Data records:
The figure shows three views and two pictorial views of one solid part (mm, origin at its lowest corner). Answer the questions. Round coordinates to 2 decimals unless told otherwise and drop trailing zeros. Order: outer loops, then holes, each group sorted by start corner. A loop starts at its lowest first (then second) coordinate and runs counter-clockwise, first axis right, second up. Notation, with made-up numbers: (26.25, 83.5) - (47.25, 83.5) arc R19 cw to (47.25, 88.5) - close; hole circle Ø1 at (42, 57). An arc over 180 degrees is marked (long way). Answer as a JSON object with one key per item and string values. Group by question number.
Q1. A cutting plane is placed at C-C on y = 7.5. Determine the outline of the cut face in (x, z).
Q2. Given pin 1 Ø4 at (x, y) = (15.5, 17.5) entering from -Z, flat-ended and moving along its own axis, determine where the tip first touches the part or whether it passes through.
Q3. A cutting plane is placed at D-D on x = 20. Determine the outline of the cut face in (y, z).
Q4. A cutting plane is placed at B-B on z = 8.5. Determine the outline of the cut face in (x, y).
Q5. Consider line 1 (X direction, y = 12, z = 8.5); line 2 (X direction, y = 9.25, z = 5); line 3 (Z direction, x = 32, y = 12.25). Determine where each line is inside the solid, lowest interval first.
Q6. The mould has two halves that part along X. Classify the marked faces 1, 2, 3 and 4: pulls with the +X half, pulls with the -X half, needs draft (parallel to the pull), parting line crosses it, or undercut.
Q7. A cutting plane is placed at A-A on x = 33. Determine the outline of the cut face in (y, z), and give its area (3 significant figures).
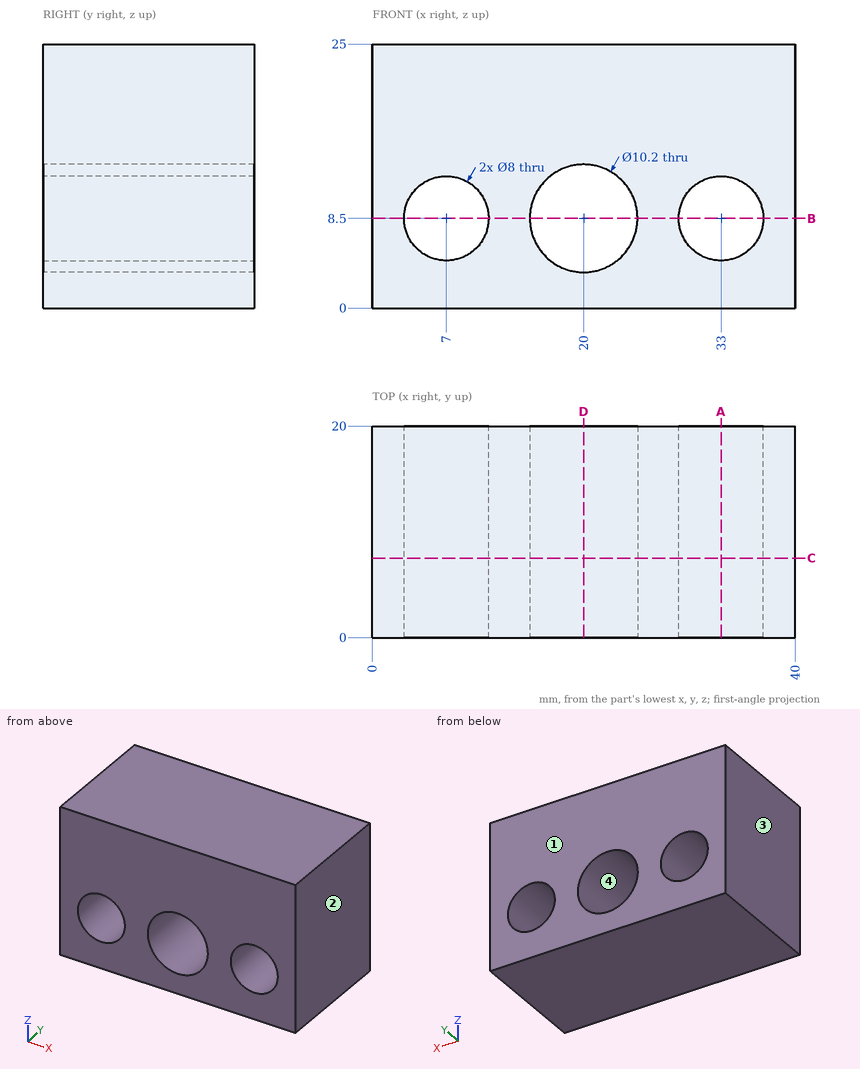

### Activity
Each record needs to be reproduced exactly, and no image should be carried over.

### Answer to the exercise
The figure shows three views and two pictorial views of one solid part (mm, origin at its lowest corner). Answer the questions. Round coordinates to 2 decimals unless told otherwise and drop trailing zeros. Order: outer loops, then holes, each group sorted by start corner. A loop starts at its lowest first (then second) coordinate and runs counter-clockwise, first axis right, second up. Notation, with made-up numbers: (26.25, 83.5) - (47.25, 83.5) arc R19 cw to (47.25, 88.5) - close; hole circle Ø1 at (42, 57). An arc over 180 degrees is marked (long way). Answer as a JSON object with one key per item and string values. Group by question number.
Q1. A cutting plane is placed at C-C on y = 7.5. Determine the outline of the cut face in (x, z).
Q2. Given pin 1 Ø4 at (x, y) = (15.5, 17.5) entering from -Z, flat-ended and moving along its own axis, determine where the tip first touches the part or whether it passes through.
Q3. A cutting plane is placed at D-D on x = 20. Determine the outline of the cut face in (y, z).
Q4. A cutting plane is placed at B-B on z = 8.5. Determine the outline of the cut face in (x, y).
Q5. Consider line 1 (X direction, y = 12, z = 8.5); line 2 (X direction, y = 9.25, z = 5); line 3 (Z direction, x = 32, y = 12.25). Determine where each line is inside the solid, lowest interval first.
Q6. The mould has two halves that part along X. Classify the marked faces 1, 2, 3 and 4: pulls with the +X half, pulls with the -X half, needs draft (parallel to the pull), parting line crosses it, or undercut.
Q7. A cutting plane is placed at A-A on x = 33. Determine the outline of the cut face in (y, z), and give its area (3 significant figures).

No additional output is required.